> _WHAT IS BEING ASKED_:
The line containing "7.5, 0.0), z_axis=(0.0, 0.0, 1.0), x_axis=(1.0, 0.0, 0.0)))" marks the end; return exactly every line from the start of the records up to and including it, but no pictures.

*** Opening DATA FOR THIS TASK ***

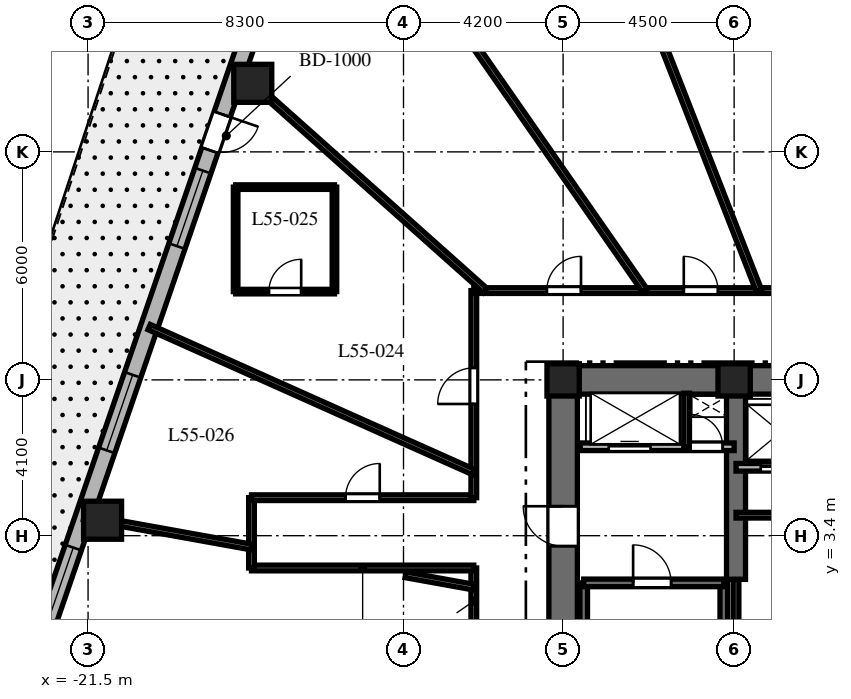
"""IFC4 building model, lengths in metres.
Left out: names, types, materials, properties, quantities, classifications, styles, units other than length and angle.
Written with IfcOpenShell. Run it as: python <this file> out.ifc"""

import sys

from ifc_helpers import new_model, si_unit, direction, frame, frame_2d, origin, origin_2d, place, context, subcontext, project, spatial, rectangle, extrude, element, fill, save


model = new_model("IFC4")
c1 = context("Model", 3, precision=1e-05, world=origin(), true_north=direction((0.0, 1.0)))
c2 = subcontext(c1, "Body", "Model", "MODEL_VIEW")
j1 = project(units=[si_unit("LENGTHUNIT", "METRE"), si_unit("PLANEANGLEUNIT", "RADIAN")], contexts=[c1])
p1 = place(None, origin())
s1 = spatial("IfcSite", under=j1, at=p1, CompositionType="ELEMENT")
p2 = place(p1, origin())
s2 = spatial("IfcBuilding", under=s1, at=p2, CompositionType="ELEMENT")
p3 = place(p2, frame((0.0, 0.0, 221.7)))
s3 = spatial("IfcBuildingStorey", under=s2, at=p3, CompositionType="ELEMENT", Elevation=221.7)
p4 = place(p3, frame((-9.375, 7.5, 0.0), z_axis=(0.0, 0.0, 1.0), x_axis=(1.0, 0.0, 0.0)))
e1 = element("IfcWall", 1, at=p4, inside=s3, PredefinedType="SHEAR", context=c2, shape_type="SweptSolid", body=[
    extrude(rectangle(XDim=9.425, YDim=0.75, at=frame_2d((4.712, 0.0))), origin(), (0.0, 0.0, 1.0), 3.8),
])
p5 = place(p3, frame((-9.0, -7.125, 0.0), z_axis=(0.0, 0.0, 1.0), x_axis=(0.0, 1.0, 0.0)))
e2 = element("IfcWall", 2, at=p5, inside=s3, PredefinedType="SHEAR", context=c2, shape_type="SweptSolid", body=[
    extrude(rectangle(XDim=14.25, YDim=0.75, at=frame_2d((7.125, 0.0))), origin(), (0.0, 0.0, 1.0), 3.8),
])
p6 = place(p5, frame((10.25, 0.0, 0.0)))
e3 = element("IfcOpeningElement", 3, at=p6, cuts=e2, PredefinedType="OPENING", context=c2, shape_type="SweptSolid", body=[
    extrude(rectangle(XDim=1.05, YDim=2.15, at=frame_2d((0.525, 1.075))), frame((0.0, 0.385, 0.0), z_axis=(0.0, -1.0, 0.0), x_axis=(1.0, 0.0, 0.0)), (0.0, 0.0, 1.0), 0.77),
])
p7 = place(p3, frame((-4.45, 2.25, 0.0), z_axis=(0.0, 0.0, 1.0), x_axis=(0.0, 1.0, 0.0)))
e4 = element("IfcWall", 4, at=p7, inside=s3, PredefinedType="SHEAR", context=c2, shape_type="SweptSolid", body=[
    extrude(rectangle(XDim=4.875, YDim=0.5, at=frame_2d((2.438, 0.0))), origin(), (0.0, 0.0, 1.0), 3.8),
])
for number, where, z_axis, x_axis in (
    (5, (-8.458, -6.985, 0.0), (0.0, 0.0, 1.0), (0.0, 1.0, 0.0)),
    (6, (-4.772, -6.985, 0.0), (0.0, 0.0, 1.0), (0.0, 1.0, 0.0)),
):
    element("IfcWall", number, at=place(p3, frame(where, z_axis=z_axis, x_axis=x_axis)), inside=s3, PredefinedType="SHEAR", context=c2, shape_type="SweptSolid", body=[
        extrude(rectangle(XDim=9.143, YDim=0.2, at=frame_2d((4.572, 0.0))), origin(), (0.0, 0.0, 1.0), 3.8),
    ])
p8 = place(p3, frame((-8.458, 2.158, 0.0), z_axis=(0.0, 0.0, 1.0), x_axis=(1.0, 0.0, 0.0)))
e7 = element("IfcWall", 7, at=p8, inside=s3, PredefinedType="SHEAR", context=c2, shape_type="SweptSolid", body=[
    extrude(rectangle(XDim=3.686, YDim=0.2, at=frame_2d((1.843, 0.0))), origin(), (0.0, 0.0, 1.0), 3.8),
])
p9 = place(p8, frame((1.3, 0.0, 0.0)))
e8 = element("IfcOpeningElement", 8, at=p9, cuts=e7, PredefinedType="OPENING", context=c2, shape_type="SweptSolid", body=[
    extrude(rectangle(XDim=1.0, YDim=2.15, at=frame_2d((0.5, 1.075))), frame((0.0, 0.11, 0.0), z_axis=(0.0, -1.0, 0.0), x_axis=(1.0, 0.0, 0.0)), (0.0, 0.0, 1.0), 0.22),
])
for number, where, z_axis, x_axis in (
    (9, (-4.5, 7.5, 0.0), (0.0, 0.0, 1.0), (1.0, 0.0, 0.0)),
    (10, (-9.0, 7.5, 0.0), (0.0, 0.0, 1.0), (1.0, 0.0, 0.0)),
):
    element("IfcColumn", number, at=place(p3, frame(where, z_axis=z_axis, x_axis=x_axis)), inside=s3, PredefinedType="COLUMN", context=c2, shape_type="SweptSolid", body=[
        extrude(rectangle(XDim=0.85, YDim=0.85, at=origin_2d()), origin(), (0.0, 0.0, 1.0), 3.8),
    ])
for number, where, z_axis, x_axis in (
    (11, (-17.166, 15.304, 0.0), (0.0, 0.0, 1.0), (1.0, 0.0, 0.0)),
    (12, (-21.118, 3.807, 0.0), (0.0, 0.0, 1.0), (1.0, 0.0, 0.0)),
):
    element("IfcColumn", number, at=place(p3, frame(where, z_axis=z_axis, x_axis=x_axis)), inside=s3, PredefinedType="COLUMN", context=c2, shape_type="SweptSolid", body=[
        extrude(rectangle(XDim=1.0, YDim=1.0, at=origin_2d()), origin(), (0.0, 0.0, 1.0), 3.8),
    ])
p10 = place(p3, frame((-16.324, 19.275, 0.0), z_axis=(0.0, 0.0, 1.0), x_axis=(-0.325083142304, -0.945685439557, 0.0)))
e13 = element("IfcWall", 13, at=p10, inside=s3, PredefinedType="SOLIDWALL", context=c2, shape_type="SweptSolid", body=[
    extrude(rectangle(XDim=20.224, YDim=0.45, at=frame_2d((10.112, 0.0))), origin(), (0.0, 0.0, 1.0), 3.5),
])
p11 = place(p10, frame((5.062, 0.0, 0.0)))
e14 = element("IfcOpeningElement", 14, at=p11, cuts=e13, PredefinedType="OPENING", context=c2, shape_type="SweptSolid", body=[
    extrude(rectangle(XDim=1.0, YDim=2.15, at=frame_2d((0.5, 1.075))), frame((0.0, 0.235, 0.0), z_axis=(0.0, -1.0, 0.0), x_axis=(1.0, 0.0, 0.0)), (0.0, 0.0, 1.0), 0.47),
])
p12 = place(p10, frame((0.953, 0.0, 0.8)))
e15 = element("IfcOpeningElement", 15, at=p12, cuts=e13, PredefinedType="OPENING", context=c2, shape_type="SweptSolid", body=[
    extrude(rectangle(XDim=2.1, YDim=1.85, at=frame_2d((1.05, 0.925))), frame((0.0, 0.235, 0.0), z_axis=(0.0, -1.0, 0.0), x_axis=(1.0, 0.0, 0.0)), (0.0, 0.0, 1.0), 0.47),
])
p13 = place(p10, frame((6.629, 0.0, 0.8)))
e16 = element("IfcOpeningElement", 16, at=p13, cuts=e13, PredefinedType="OPENING", context=c2, shape_type="SweptSolid", body=[
    extrude(rectangle(XDim=2.1, YDim=1.85, at=frame_2d((1.05, 0.925))), frame((0.0, 0.235, 0.0), z_axis=(0.0, -1.0, 0.0), x_axis=(1.0, 0.0, 0.0)), (0.0, 0.0, 1.0), 0.47),
])
p14 = place(p10, frame((12.312, 0.0, 0.8)))
e17 = element("IfcOpeningElement", 17, at=p14, cuts=e13, PredefinedType="OPENING", context=c2, shape_type="SweptSolid", body=[
    extrude(rectangle(XDim=2.1, YDim=1.85, at=frame_2d((1.05, 0.925))), frame((0.0, 0.235, 0.0), z_axis=(0.0, -1.0, 0.0), x_axis=(1.0, 0.0, 0.0)), (0.0, 0.0, 1.0), 0.47),
])
p15 = place(p10, frame((17.118, 0.0, 0.8)))
e18 = element("IfcOpeningElement", 18, at=p15, cuts=e13, PredefinedType="OPENING", context=c2, shape_type="SweptSolid", body=[
    extrude(rectangle(XDim=2.1, YDim=1.85, at=frame_2d((1.05, 0.925))), frame((0.0, 0.235, 0.0), z_axis=(0.0, -1.0, 0.0), x_axis=(1.0, 0.0, 0.0)), (0.0, 0.0, 1.0), 0.47),
])
p16 = place(p3, frame((-8.55, 5.74, 0.0), z_axis=(0.0, 0.0, 1.0), x_axis=(1.0, 0.0, 0.0)))
e19 = element("IfcWall", 19, at=p16, inside=s3, PredefinedType="PARTITIONING", context=c2, shape_type="SweptSolid", body=[
    extrude(rectangle(XDim=4.05, YDim=0.2, at=frame_2d((2.025, 0.0))), origin(), (0.0, 0.0, 1.0), 3.5),
])
p17 = place(p16, frame((0.75, 0.0, 0.0)))
e20 = element("IfcOpeningElement", 20, at=p17, cuts=e19, PredefinedType="OPENING", context=c2, shape_type="SweptSolid", body=[
    extrude(rectangle(XDim=1.1, YDim=2.2, at=frame_2d((0.55, 1.1))), frame((0.0, 0.11, 0.0), z_axis=(0.0, -1.0, 0.0), x_axis=(1.0, 0.0, 0.0)), (0.0, 0.0, 1.0), 0.22),
])
p18 = place(p16, frame((2.9, 0.0, 0.0)))
e21 = element("IfcOpeningElement", 21, at=p18, cuts=e19, PredefinedType="OPENING", context=c2, shape_type="SweptSolid", body=[
    extrude(rectangle(XDim=0.85, YDim=2.03, at=frame_2d((0.425, 1.015))), frame((0.0, 0.11, 0.0), z_axis=(0.0, -1.0, 0.0), x_axis=(1.0, 0.0, 0.0)), (0.0, 0.0, 1.0), 0.22),
])
p19 = place(p3, frame((-5.75, 5.74, 0.0), z_axis=(0.0, 0.0, 1.0), x_axis=(0.0, 1.0, 0.0)))
e22 = element("IfcWall", 22, at=p19, inside=s3, PredefinedType="PARTITIONING", context=c2, shape_type="SweptSolid", body=[
    extrude(rectangle(XDim=1.41, YDim=0.15, at=frame_2d((0.705, 0.0))), origin(), (0.0, 0.0, 1.0), 3.5),
])
p20 = place(p3, frame((-4.45, 5.2, 0.0), z_axis=(0.0, 0.0, 1.0), x_axis=(1.0, 0.0, 0.0)))
e23 = element("IfcWall", 23, at=p20, inside=s3, PredefinedType="PARTITIONING", context=c2, shape_type="SweptSolid", body=[
    extrude(rectangle(XDim=4.5, YDim=0.2, at=frame_2d((2.25, 0.0))), origin(), (0.0, 0.0, 1.0), 3.5),
])
p21 = place(p20, frame((0.65, 0.0, 0.0)))
e24 = element("IfcOpeningElement", 24, at=p21, cuts=e23, PredefinedType="OPENING", context=c2, shape_type="SweptSolid", body=[
    extrude(rectangle(XDim=1.0, YDim=2.2, at=frame_2d((0.5, 1.1))), frame((0.0, 0.11, 0.0), z_axis=(0.0, -1.0, 0.0), x_axis=(1.0, 0.0, 0.0)), (0.0, 0.0, 1.0), 0.22),
])
p22 = place(p20, frame((2.85, 0.0, 0.0)))
e25 = element("IfcOpeningElement", 25, at=p22, cuts=e23, PredefinedType="OPENING", context=c2, shape_type="SweptSolid", body=[
    extrude(rectangle(XDim=1.0, YDim=2.2, at=frame_2d((0.5, 1.1))), frame((0.0, 0.11, 0.0), z_axis=(0.0, -1.0, 0.0), x_axis=(1.0, 0.0, 0.0)), (0.0, 0.0, 1.0), 0.22),
])
p23 = place(p3, frame((-4.45, -0.5, 0.0), z_axis=(0.0, 0.0, 1.0), x_axis=(0.0, 1.0, 0.0)))
e26 = element("IfcWall", 26, at=p23, inside=s3, PredefinedType="PARTITIONING", context=c2, shape_type="SweptSolid", body=[
    extrude(rectangle(XDim=2.75, YDim=0.15, at=frame_2d((1.375, 0.0))), origin(), (0.0, 0.0, 1.0), 3.5),
])
p24 = place(p3, frame((-4.45, 3.94, 0.0), z_axis=(0.0, 0.0, 1.0), x_axis=(1.0, 0.0, 0.0)))
e27 = element("IfcWall", 27, at=p24, inside=s3, PredefinedType="PARTITIONING", context=c2, shape_type="SweptSolid", body=[
    extrude(rectangle(XDim=2.55, YDim=0.15, at=frame_2d((1.275, 0.0))), origin(), (0.0, 0.0, 1.0), 3.5),
])
p25 = place(p3, frame((-11.35, -9.85, 0.0), z_axis=(0.0, 0.0, 1.0), x_axis=(0.0, 1.0, 0.0)))
e28 = element("IfcWall", 28, at=p25, inside=s3, PredefinedType="PARTITIONING", context=c2, shape_type="SweptSolid", body=[
    extrude(rectangle(XDim=12.4, YDim=0.15, at=frame_2d((6.2, 0.0))), origin(), (0.0, 0.0, 1.0), 2.99),
])
p26 = place(p25, frame((8.835, 0.0, 0.0)))
e29 = element("IfcOpeningElement", 29, at=p26, cuts=e28, PredefinedType="OPENING", context=c2, shape_type="SweptSolid", body=[
    extrude(rectangle(XDim=0.95, YDim=2.03, at=frame_2d((0.475, 1.015))), frame((0.0, 0.085, 0.0), z_axis=(0.0, -1.0, 0.0), x_axis=(1.0, 0.0, 0.0)), (0.0, 0.0, 1.0), 0.17),
])
p27 = place(p25, frame((4.443, 0.0, 0.0)))
e30 = element("IfcOpeningElement", 30, at=p27, cuts=e28, PredefinedType="OPENING", context=c2, shape_type="SweptSolid", body=[
    extrude(rectangle(XDim=0.95, YDim=2.03, at=frame_2d((0.475, 1.015))), frame((0.0, 0.085, 0.0), z_axis=(0.0, -1.0, 0.0), x_axis=(1.0, 0.0, 0.0)), (0.0, 0.0, 1.0), 0.17),
])
p28 = place(p25, frame((1.242, 0.0, 0.0)))
e31 = element("IfcOpeningElement", 31, at=p28, cuts=e28, PredefinedType="OPENING", context=c2, shape_type="SweptSolid", body=[
    extrude(rectangle(XDim=0.9, YDim=2.03, at=frame_2d((0.45, 1.015))), frame((0.0, 0.085, 0.0), z_axis=(0.0, -1.0, 0.0), x_axis=(1.0, 0.0, 0.0)), (0.0, 0.0, 1.0), 0.17),
])
p29 = place(p3, frame((-11.35, 2.55, 0.0), z_axis=(0.0, 0.0, 1.0), x_axis=(-1.0, 0.0, 0.0)))
e32 = element("IfcWall", 32, at=p29, inside=s3, PredefinedType="PARTITIONING", context=c2, shape_type="SweptSolid", body=[
    extrude(rectangle(XDim=5.85, YDim=0.15, at=frame_2d((2.925, 0.0))), origin(), (0.0, 0.0, 1.0), 2.94),
])
p30 = place(p3, frame((-17.2, 2.55, 0.0), z_axis=(0.0, 0.0, 1.0), x_axis=(0.0, 1.0, 0.0)))
e33 = element("IfcWall", 33, at=p30, inside=s3, PredefinedType="PARTITIONING", context=c2, shape_type="SweptSolid", body=[
    extrude(rectangle(XDim=1.85, YDim=0.15, at=frame_2d((0.925, 0.0))), origin(), (0.0, 0.0, 1.0), 2.94),
])
p31 = place(p3, frame((-17.2, 4.4, 0.0), z_axis=(0.0, 0.0, 1.0), x_axis=(1.0, 0.0, 0.0)))
e34 = element("IfcWall", 34, at=p31, inside=s3, PredefinedType="PARTITIONING", context=c2, shape_type="SweptSolid", body=[
    extrude(rectangle(XDim=5.85, YDim=0.15, at=frame_2d((2.925, 0.0))), origin(), (0.0, 0.0, 1.0), 2.94),
])
p32 = place(p31, frame((2.475, 0.0, 0.0)))
e35 = element("IfcOpeningElement", 35, at=p32, cuts=e34, PredefinedType="OPENING", context=c2, shape_type="SweptSolid", body=[
    extrude(rectangle(XDim=0.9, YDim=2.03, at=frame_2d((0.45, 1.015))), frame((0.0, 0.085, 0.0), z_axis=(0.0, -1.0, 0.0), x_axis=(1.0, 0.0, 0.0)), (0.0, 0.0, 1.0), 0.17),
])
p33 = place(p3, frame((-11.35, 4.4, 0.0), z_axis=(0.0, 0.0, 1.0), x_axis=(0.0, 1.0, 0.0)))
e36 = element("IfcWall", 36, at=p33, inside=s3, PredefinedType="PARTITIONING", context=c2, shape_type="SweptSolid", body=[
    extrude(rectangle(XDim=5.45, YDim=0.15, at=frame_2d((2.725, 0.0))), origin(), (0.0, 0.0, 1.0), 2.99),
])
p34 = place(p33, frame((2.466, 0.0, 0.0)))
e37 = element("IfcOpeningElement", 37, at=p34, cuts=e36, PredefinedType="OPENING", context=c2, shape_type="SweptSolid", body=[
    extrude(rectangle(XDim=0.95, YDim=2.03, at=frame_2d((0.475, 1.015))), frame((0.0, 0.085, 0.0), z_axis=(0.0, -1.0, 0.0), x_axis=(1.0, 0.0, 0.0)), (0.0, 0.0, 1.0), 0.17),
])
p35 = place(p3, frame((-11.35, 9.85, 0.0), z_axis=(0.0, 0.0, 1.0), x_axis=(1.0, 0.0, 0.0)))
e38 = element("IfcWall", 38, at=p35, inside=s3, PredefinedType="PARTITIONING", context=c2, shape_type="SweptSolid", body=[
    extrude(rectangle(XDim=10.43, YDim=0.15, at=frame_2d((5.215, 0.0))), origin(), (0.0, 0.0, 1.0), 2.99),
])
p36 = place(p35, frame((8.387, 0.0, 0.0)))
e39 = element("IfcOpeningElement", 39, at=p36, cuts=e38, PredefinedType="OPENING", context=c2, shape_type="SweptSolid", body=[
    extrude(rectangle(XDim=0.9, YDim=2.03, at=frame_2d((0.45, 1.015))), frame((0.0, 0.085, 0.0), z_axis=(0.0, -1.0, 0.0), x_axis=(1.0, 0.0, 0.0)), (0.0, 0.0, 1.0), 0.17),
])
p37 = place(p35, frame((5.525, 0.0, 0.0)))
e40 = element("IfcOpeningElement", 40, at=p37, cuts=e38, PredefinedType="OPENING", context=c2, shape_type="SweptSolid", body=[
    extrude(rectangle(XDim=0.9, YDim=2.03, at=frame_2d((0.45, 1.015))), frame((0.0, 0.085, 0.0), z_axis=(0.0, -1.0, 0.0), x_axis=(1.0, 0.0, 0.0)), (0.0, 0.0, 1.0), 0.17),
])
p38 = place(p35, frame((1.921, 0.0, 0.0)))
e41 = element("IfcOpeningElement", 41, at=p38, cuts=e38, PredefinedType="OPENING", context=c2, shape_type="SweptSolid", body=[
    extrude(rectangle(XDim=0.9, YDim=2.03, at=frame_2d((0.45, 1.015))), frame((0.0, 0.085, 0.0), z_axis=(0.0, -1.0, 0.0), x_axis=(1.0, 0.0, 0.0)), (0.0, 0.0, 1.0), 0.17),
])
p39 = place(p3, frame((-3.848, 9.85, 0.0), z_axis=(0.0, 0.0, 1.0), x_axis=(-0.363921778212, 0.931429513889, 0.0)))
e42 = element("IfcWall", 42, at=p39, inside=s3, PredefinedType="PARTITIONING", context=c2, shape_type="SweptSolid", body=[
    extrude(rectangle(XDim=12.588, YDim=0.15, at=frame_2d((6.294, 0.0))), origin(), (0.0, 0.0, 1.0), 2.74),
])
p40 = place(p3, frame((-6.849, 9.85, 0.0), z_axis=(0.0, 0.0, 1.0), x_axis=(-0.570871709026, 0.821039275451, 0.0)))
e43 = element("IfcWall", 43, at=p40, inside=s3, PredefinedType="PARTITIONING", context=c2, shape_type="SweptSolid", body=[
    extrude(rectangle(XDim=13.582, YDim=0.15, at=frame_2d((6.791, 0.0))), origin(), (0.0, 0.0, 1.0), 2.74),
])
p41 = place(p3, frame((-11.048, 9.85, 0.0), z_axis=(0.0, 0.0, 1.0), x_axis=(-0.746444434655, 0.665447748492, 0.0)))
e44 = element("IfcWall", 44, at=p41, inside=s3, PredefinedType="PARTITIONING", context=c2, shape_type="SweptSolid", body=[
    extrude(rectangle(XDim=8.732, YDim=0.15, at=frame_2d((4.366, 0.0))), origin(), (0.0, 0.0, 1.0), 2.74),
])
p42 = place(p3, frame((-11.35, 5.072, 0.0), z_axis=(0.0, 0.0, 1.0), x_axis=(-0.912980177983, 0.408003914944, 0.0)))
e45 = element("IfcWall", 45, at=p42, inside=s3, PredefinedType="PARTITIONING", context=c2, shape_type="SweptSolid", body=[
    extrude(rectangle(XDim=9.358, YDim=0.15, at=frame_2d((4.679, 0.0))), origin(), (0.0, 0.0, 1.0), 2.74),
])
p43 = place(p3, frame((-11.35, 2.046, 0.0), z_axis=(0.0, 0.0, 1.0), x_axis=(-0.984127783205, 0.177461281195, 0.0)))
e46 = element("IfcWall", 46, at=p43, inside=s3, PredefinedType="PARTITIONING", context=c2, shape_type="SweptSolid", body=[
    extrude(rectangle(XDim=1.826, YDim=0.15, at=frame_2d((0.913, 0.0))), origin(), (0.0, 0.0, 1.0), 3.5),
])
p44 = place(p3, frame((-17.2, 3.101, 0.0), z_axis=(0.0, 0.0, 1.0), x_axis=(-0.98413465883, 0.177423147559, 0.0)))
e47 = element("IfcWall", 47, at=p44, inside=s3, PredefinedType="PARTITIONING", context=c2, shape_type="SweptSolid", body=[
    extrude(rectangle(XDim=4.482, YDim=0.15, at=frame_2d((2.241, 0.0))), origin(), (0.0, 0.0, 1.0), 2.74),
])
p45 = place(p3, frame((-17.617, 9.823, 0.0), z_axis=(0.0, 0.0, 1.0), x_axis=(1.0, 0.0, 0.0)))
e48 = element("IfcWall", 48, at=p45, inside=s3, PredefinedType="PARTITIONING", context=c2, shape_type="SweptSolid", body=[
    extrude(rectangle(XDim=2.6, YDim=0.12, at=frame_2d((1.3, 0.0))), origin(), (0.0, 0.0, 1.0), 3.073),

*** Closing DATA FOR THIS TASK ***

> _YOUR SOLUTION_:
"""IFC4 building model, lengths in metres.
Left out: names, types, materials, properties, quantities, classifications, styles, units other than length and angle.
Written with IfcOpenShell. Run it as: python <this file> out.ifc"""

import sys

from ifc_helpers import new_model, si_unit, direction, frame, frame_2d, origin, origin_2d, place, context, subcontext, project, spatial, rectangle, extrude, element, fill, save


model = new_model("IFC4")
c1 = context("Model", 3, precision=1e-05, world=origin(), true_north=direction((0.0, 1.0)))
c2 = subcontext(c1, "Body", "Model", "MODEL_VIEW")
j1 = project(units=[si_unit("LENGTHUNIT", "METRE"), si_unit("PLANEANGLEUNIT", "RADIAN")], contexts=[c1])
p1 = place(None, origin())
s1 = spatial("IfcSite", under=j1, at=p1, CompositionType="ELEMENT")
p2 = place(p1, origin())
s2 = spatial("IfcBuilding", under=s1, at=p2, CompositionType="ELEMENT")
p3 = place(p2, frame((0.0, 0.0, 221.7)))
s3 = spatial("IfcBuildingStorey", under=s2, at=p3, CompositionType="ELEMENT", Elevation=221.7)
p4 = place(p3, frame((-9.375, 7.5, 0.0), z_axis=(0.0, 0.0, 1.0), x_axis=(1.0, 0.0, 0.0)))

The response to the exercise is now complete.